## Source data
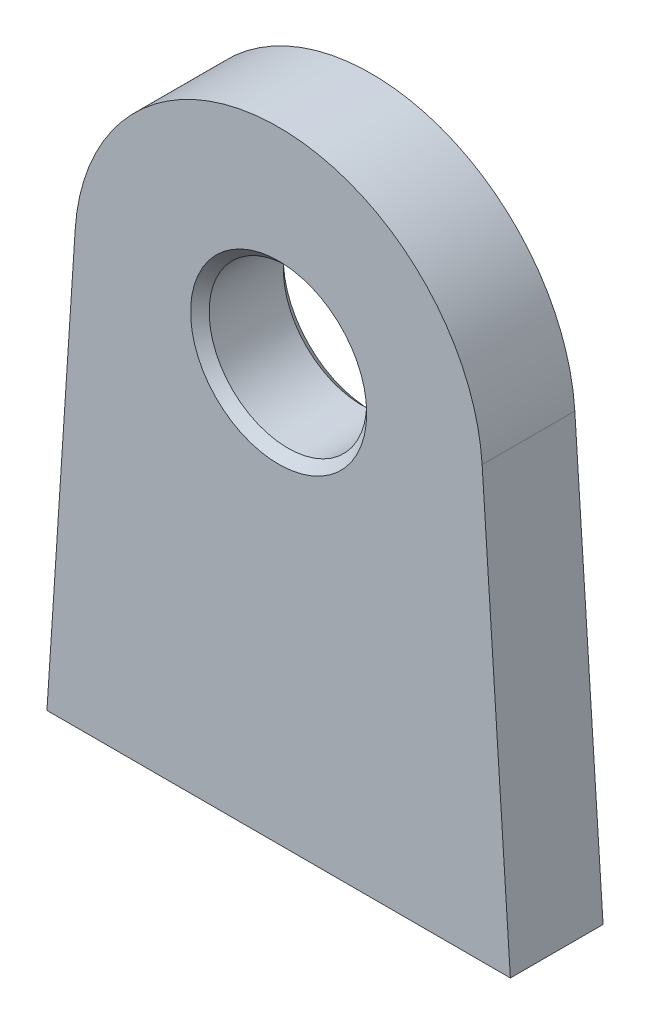
from build123d import *

# Parameters (mm, degrees)
SKETCH1_R           = 8.5
BOSS_EXTRUDE1_DEPTH = 10
CHAMFER1_SIZE       = 1


with BuildPart() as part:
    # Sketch1 → Boss-Extrude1 (new body)
    with BuildSketch(Plane.XY):
        with BuildLine():
            Line((0, 0), (50, 0))
            Line((50, 0), (46.952793231, 46.440440684))
            ThreePointArc((46.952793231, 46.440440684), (25, 67), (3.047206769, 46.440440684))
            Line((3.047206769, 46.440440684), (0, 0))
        make_face()
        with Locations((25, 45)):
            Circle(SKETCH1_R, mode=Mode.SUBTRACT)
    extrude(amount=BOSS_EXTRUDE1_DEPTH)

    # Chamfer1
    chamfer1_edges = [part.edges().sort_by_distance(p)[0] for p in [
        (16.5, 45, 0),
        (16.5, 45, 10),
    ]]
    chamfer(chamfer1_edges, length=CHAMFER1_SIZE)


solid = part.part

## Work task
Where the material contains a line with "part", return that line.

## Your response
with BuildPart() as part:
    chamfer1_edges = [part.edges().sort_by_distance(p)[0] for p in [
solid = part.part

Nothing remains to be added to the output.